■ **What you are asked to do**
Show every line of the data below that includes the word "direction".

■ **Dataset extract**
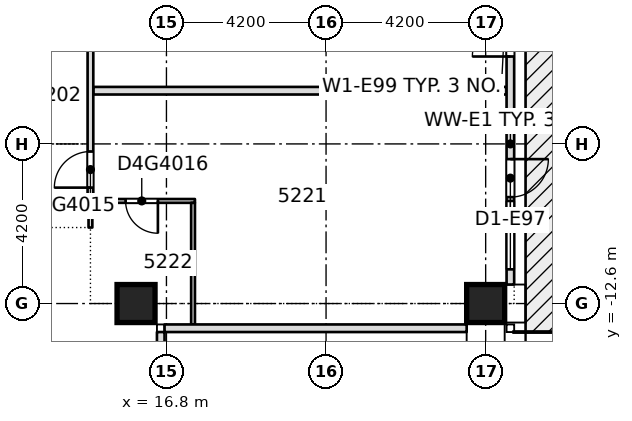
"""IFC4 building model, lengths in metres.
Left out: names, types, materials, properties, quantities, classifications, styles, units other than length and angle.
Written with IfcOpenShell. Run it as: python <this file> out.ifc"""

import sys

from ifc_helpers import new_model, si_unit, direction, frame, frame_2d, origin, origin_2d, place, context, subcontext, project, spatial, rectangle, extrude, element, fill, save


model = new_model("IFC4")
c1 = context("Model", 3, precision=1e-05, world=origin(), true_north=direction((0.0, 1.0)))
c2 = subcontext(c1, "Body", "Model", "MODEL_VIEW")
j1 = project(units=[si_unit("LENGTHUNIT", "METRE"), si_unit("PLANEANGLEUNIT", "RADIAN")], contexts=[c1])
p1 = place(None, origin())
s1 = spatial("IfcSite", under=j1, at=p1, CompositionType="ELEMENT")
p2 = place(p1, origin())
s2 = spatial("IfcBuilding", under=s1, at=p2, CompositionType="ELEMENT")
p3 = place(p2, frame((0.0, 0.0, 199.7)))
s3 = spatial("IfcBuildingStorey", under=s2, at=p3, CompositionType="ELEMENT", Elevation=199.7)
for number, where, z_axis, x_axis in (
    (1, (16.0, -12.6, -0.4), (0.0, 0.0, 1.0), (1.0, 0.0, 0.0)),
    (2, (25.2, -12.6, -0.4), (0.0, 0.0, 1.0), (1.0, 0.0, 0.0)),
):
    element("IfcColumn", number, at=place(p3, frame(where, z_axis=z_axis, x_axis=x_axis)), inside=s3, PredefinedType="COLUMN", context=c2, shape_type="SweptSolid", body=[
        extrude(rectangle(XDim=1.0, YDim=1.0, at=origin_2d()), origin(), (0.0, 0.0, 1.0), 3.45),
    ])
p4 = place(p3, frame((14.725, -9.9, 0.0), z_axis=(0.0, 0.0, 1.0), x_axis=(1.0, 0.0, 0.0)))
e3 = element("IfcWall", 3, at=p4, inside=s3, PredefinedType="PARTITIONING", context=c2, shape_type="SweptSolid", body=[
    extrude(rectangle(XDim=2.825, YDim=0.1, at=frame_2d((1.413, 0.0))), origin(), (0.0, 0.0, 1.0), 3.05),
])
p5 = place(p4, frame((1.0, 0.0, 0.0)))
e4 = element("IfcOpeningElement", 4, at=p5, cuts=e3, PredefinedType="OPENING", context=c2, shape_type="SweptSolid", body=[
    extrude(rectangle(XDim=0.85, YDim=2.1, at=frame_2d((0.425, 1.05))), frame((0.0, 0.06, 0.0), z_axis=(0.0, -1.0, 0.0), x_axis=(1.0, 0.0, 0.0)), (0.0, 0.0, 1.0), 0.12),
])
p6 = place(p3, frame((14.875, -7.0, 0.0), z_axis=(0.0, 0.0, 1.0), x_axis=(1.0, 0.0, 0.0)))
e5 = element("IfcWall", 5, at=p6, inside=s3, PredefinedType="PARTITIONING", context=c2, shape_type="SweptSolid", body=[
    extrude(rectangle(XDim=10.875, YDim=0.2, at=frame_2d((5.438, 0.0))), origin(), (0.0, 0.0, 1.0), 3.05),
])
p7 = place(p3, frame((14.8, -10.6, 0.0), z_axis=(0.0, 0.0, 1.0), x_axis=(0.0, 1.0, 0.0)))
e6 = element("IfcWall", 6, at=p7, inside=s3, PredefinedType="PARTITIONING", context=c2, shape_type="SweptSolid", body=[
    extrude(rectangle(XDim=0.65, YDim=0.1, at=frame_2d((0.325, 0.0))), origin(), (0.0, 0.0, 1.0), 3.05),
])
p8 = place(p3, frame((14.8, -9.85, 0.0), z_axis=(0.0, 0.0, 1.0), x_axis=(0.0, 1.0, 0.0)))
e7 = element("IfcWall", 7, at=p8, inside=s3, PredefinedType="PARTITIONING", context=c2, shape_type="SweptSolid", body=[
    extrude(rectangle(XDim=31.4, YDim=0.15, at=frame_2d((15.7, 0.0))), origin(), (0.0, 0.0, 1.0), 3.05),
])
p9 = place(p8, frame((0.3, 0.0, 0.0)))
e8 = element("IfcOpeningElement", 8, at=p9, cuts=e7, PredefinedType="OPENING", context=c2, shape_type="SweptSolid", body=[
    extrude(rectangle(XDim=0.95, YDim=2.1, at=frame_2d((0.475, 1.05))), frame((0.0, 0.085, 0.0), z_axis=(0.0, -1.0, 0.0), x_axis=(1.0, 0.0, 0.0)), (0.0, 0.0, 1.0), 0.17),
])
p10 = place(p8, frame((17.725, 0.0, 0.0)))
e9 = element("IfcOpeningElement", 9, at=p10, cuts=e7, PredefinedType="OPENING", context=c2, shape_type="SweptSolid", body=[
    extrude(rectangle(XDim=1.0, YDim=2.1, at=frame_2d((0.5, 1.05))), frame((0.0, 0.085, 0.0), z_axis=(0.0, -1.0, 0.0), x_axis=(1.0, 0.0, 0.0)), (0.0, 0.0, 1.0), 0.17),
])
p11 = place(p8, frame((24.8, 0.0, 0.0)))
e10 = element("IfcOpeningElement", 10, at=p11, cuts=e7, PredefinedType="OPENING", context=c2, shape_type="SweptSolid", body=[
    extrude(rectangle(XDim=0.95, YDim=2.1, at=frame_2d((0.475, 1.05))), frame((0.0, 0.085, 0.0), z_axis=(0.0, -1.0, 0.0), x_axis=(1.0, 0.0, 0.0)), (0.0, 0.0, 1.0), 0.17),
])
p12 = place(p8, frame((28.7, 0.0, 0.0)))
e11 = element("IfcOpeningElement", 11, at=p12, cuts=e7, PredefinedType="OPENING", context=c2, shape_type="SweptSolid", body=[
    extrude(rectangle(XDim=0.95, YDim=2.1, at=frame_2d((0.475, 1.05))), frame((0.0, 0.085, 0.0), z_axis=(0.0, -1.0, 0.0), x_axis=(1.0, 0.0, 0.0)), (0.0, 0.0, 1.0), 0.17),
])
p13 = place(p8, frame((9.3, 0.0, 0.0)))
e12 = element("IfcOpeningElement", 12, at=p13, cuts=e7, PredefinedType="OPENING", context=c2, shape_type="SweptSolid", body=[
    extrude(rectangle(XDim=1.1, YDim=2.1, at=frame_2d((0.55, 1.05))), frame((0.0, 0.085, 0.0), z_axis=(0.0, -1.0, 0.0), x_axis=(1.0, 0.0, 0.0)), (0.0, 0.0, 1.0), 0.17),
])
p14 = place(p8, frame((4.15, 0.0, 0.0)))
e13 = element("IfcOpeningElement", 13, at=p14, cuts=e7, PredefinedType="OPENING", context=c2, shape_type="SweptSolid", body=[
    extrude(rectangle(XDim=1.0, YDim=2.1, at=frame_2d((0.5, 1.05))), frame((0.0, 0.085, 0.0), z_axis=(0.0, -1.0, 0.0), x_axis=(1.0, 0.0, 0.0)), (0.0, 0.0, 1.0), 0.17),
])
p15 = place(p3, frame((17.5, -13.15, 0.0), z_axis=(0.0, 0.0, 1.0), x_axis=(0.0, 1.0, 0.0)))
e14 = element("IfcWall", 14, at=p15, inside=s3, PredefinedType="PARTITIONING", context=c2, shape_type="SweptSolid", body=[
    extrude(rectangle(XDim=3.2, YDim=0.1, at=frame_2d((1.6, 0.0))), origin(), (0.0, 0.0, 1.0), 3.05),
])
p16 = place(p3, frame((16.65, -20.5, 0.0), z_axis=(0.0, 0.0, 1.0), x_axis=(0.0, 1.0, 0.0)))
e15 = element("IfcWall", 15, at=p16, inside=s3, PredefinedType="STANDARD", context=c2, shape_type="SweptSolid", body=[
    extrude(rectangle(XDim=7.15, YDim=0.2, at=frame_2d((3.575, 0.0))), origin(), (0.0, 0.0, 1.0), 3.05),
])
p17 = place(p16, frame((0.4, 0.0, 0.2)))
e16 = element("IfcOpeningElement", 16, at=p17, cuts=e15, PredefinedType="OPENING", context=c2, shape_type="SweptSolid", body=[
    extrude(rectangle(XDim=1.8, YDim=2.65, at=frame_2d((0.9, 1.325))), frame((0.0, 0.11, 0.0), z_axis=(0.0, -1.0, 0.0), x_axis=(1.0, 0.0, 0.0)), (0.0, 0.0, 1.0), 0.22),
])
p18 = place(p16, frame((3.975, 0.0, 0.2)))
e17 = element("IfcOpeningElement", 17, at=p18, cuts=e15, PredefinedType="OPENING", context=c2, shape_type="SweptSolid", body=[
    extrude(rectangle(XDim=1.8, YDim=2.65, at=frame_2d((0.9, 1.325))), frame((0.0, 0.11, 0.0), z_axis=(0.0, -1.0, 0.0), x_axis=(1.0, 0.0, 0.0)), (0.0, 0.0, 1.0), 0.22),
])
p19 = place(p3, frame((16.75, -13.25, 0.0), z_axis=(0.0, 0.0, 1.0), x_axis=(1.0, 0.0, 0.0)))
e18 = element("IfcWall", 18, at=p19, inside=s3, PredefinedType="STANDARD", context=c2, shape_type="SweptSolid", body=[
    extrude(rectangle(XDim=7.95, YDim=0.2, at=frame_2d((3.975, 0.0))), origin(), (0.0, 0.0, 1.0), 3.05),
])
p20 = place(p3, frame((25.85, -12.1, 0.0), z_axis=(0.0, 0.0, 1.0), x_axis=(0.0, 1.0, 0.0)))
e19 = element("IfcWall", 19, at=p20, inside=s3, PredefinedType="STANDARD", context=c2, shape_type="SweptSolid", body=[
    extrude(rectangle(XDim=7.4, YDim=0.2, at=frame_2d((3.7, 0.0))), origin(), (0.0, 0.0, 1.0), 3.05),
])
p21 = place(p20, frame((0.4, 0.0, 0.2)))
e20 = element("IfcOpeningElement", 20, at=p21, cuts=e19, PredefinedType="OPENING", context=c2, shape_type="SweptSolid", body=[
    extrude(rectangle(XDim=1.8, YDim=2.65, at=frame_2d((0.9, 1.325))), frame((0.0, 0.11, 0.0), z_axis=(0.0, -1.0, 0.0), x_axis=(1.0, 0.0, 0.0)), (0.0, 0.0, 1.0), 0.22),
])
p22 = place(p20, frame((2.3, 0.0, 0.0)))
e21 = element("IfcOpeningElement", 21, at=p22, cuts=e19, PredefinedType="OPENING", context=c2, shape_type="SweptSolid", body=[
    extrude(rectangle(XDim=1.0, YDim=2.4, at=frame_2d((0.5, 1.2))), frame((0.0, 0.11, 0.0), z_axis=(0.0, -1.0, 0.0), x_axis=(1.0, 0.0, 0.0)), (0.0, 0.0, 1.0), 0.22),
])
p23 = place(p20, frame((6.0, 0.0, 0.0)))
e22 = element("IfcOpeningElement", 22, at=p23, cuts=e19, PredefinedType="OPENING", context=c2, shape_type="SweptSolid", body=[
    extrude(rectangle(XDim=1.0, YDim=2.4, at=frame_2d((0.5, 1.2))), frame((0.0, 0.11, 0.0), z_axis=(0.0, -1.0, 0.0), x_axis=(1.0, 0.0, 0.0)), (0.0, 0.0, 1.0), 0.22),
])
p24 = place(p9, origin())
e23 = element("IfcDoor", 23, at=p24, inside=s3, OperationType="SINGLE_SWING_RIGHT", PredefinedType="DOOR", context=c2, shape_type="SweptSolid", body=[
    extrude(rectangle(XDim=0.95, YDim=2.1, at=frame_2d((0.475, 1.05))), frame((0.0, 0.025, 0.0), z_axis=(0.0, -1.0, 0.0), x_axis=(1.0, 0.0, 0.0)), (0.0, 0.0, 1.0), 0.05),
])
fill(e8, e23)
p25 = place(p5, origin())
e24 = element("IfcDoor", 24, at=p25, inside=s3, OperationType="SINGLE_SWING_RIGHT", PredefinedType="DOOR", context=c2, shape_type="SweptSolid", body=[
    extrude(rectangle(XDim=0.85, YDim=2.1, at=frame_2d((0.425, 1.05))), frame((0.0, 0.025, 0.0), z_axis=(0.0, -1.0, 0.0), x_axis=(1.0, 0.0, 0.0)), (0.0, 0.0, 1.0), 0.05),
])
fill(e4, e24)
p26 = place(p21, origin())
e25 = element("IfcWindow", 25, at=p26, inside=s3, PartitioningType="SINGLE_PANEL", PredefinedType="WINDOW", context=c2, shape_type="SweptSolid", body=[
    extrude(rectangle(XDim=1.8, YDim=2.65, at=frame_2d((0.9, 1.325))), frame((0.0, 0.03, 0.0), z_axis=(0.0, -1.0, 0.0), x_axis=(1.0, 0.0, 0.0)), (0.0, 0.0, 1.0), 0.06),
])
fill(e20, e25)
p27 = place(p22, origin())
e26 = element("IfcDoor", 26, at=p27, inside=s3, OperationType="SINGLE_SWING_LEFT", PredefinedType="DOOR", context=c2, shape_type="SweptSolid", body=[
    extrude(rectangle(XDim=1.0, YDim=2.4, at=frame_2d((0.5, 1.2))), frame((0.0, 0.025, 0.0), z_axis=(0.0, -1.0, 0.0), x_axis=(1.0, 0.0, 0.0)), (0.0, 0.0, 1.0), 0.05),
])
fill(e21, e26)
p28 = place(p23, origin())
e27 = element("IfcDoor", 27, at=p28, inside=s3, OperationType="SINGLE_SWING_LEFT", PredefinedType="DOOR", context=c2, shape_type="SweptSolid", body=[
    extrude(rectangle(XDim=1.0, YDim=2.4, at=frame_2d((0.5, 1.2))), frame((0.0, 0.025, 0.0), z_axis=(0.0, -1.0, 0.0), x_axis=(1.0, 0.0, 0.0)), (0.0, 0.0, 1.0), 0.05),
])
fill(e22, e27)
save(model, sys.argv[1])

■ **Answer section**
from ifc_helpers import new_model, si_unit, direction, frame, frame_2d, origin, origin_2d, place, context, subcontext, project, spatial, rectangle, extrude, element, fill, save
c1 = context("Model", 3, precision=1e-05, world=origin(), true_north=direction((0.0, 1.0)))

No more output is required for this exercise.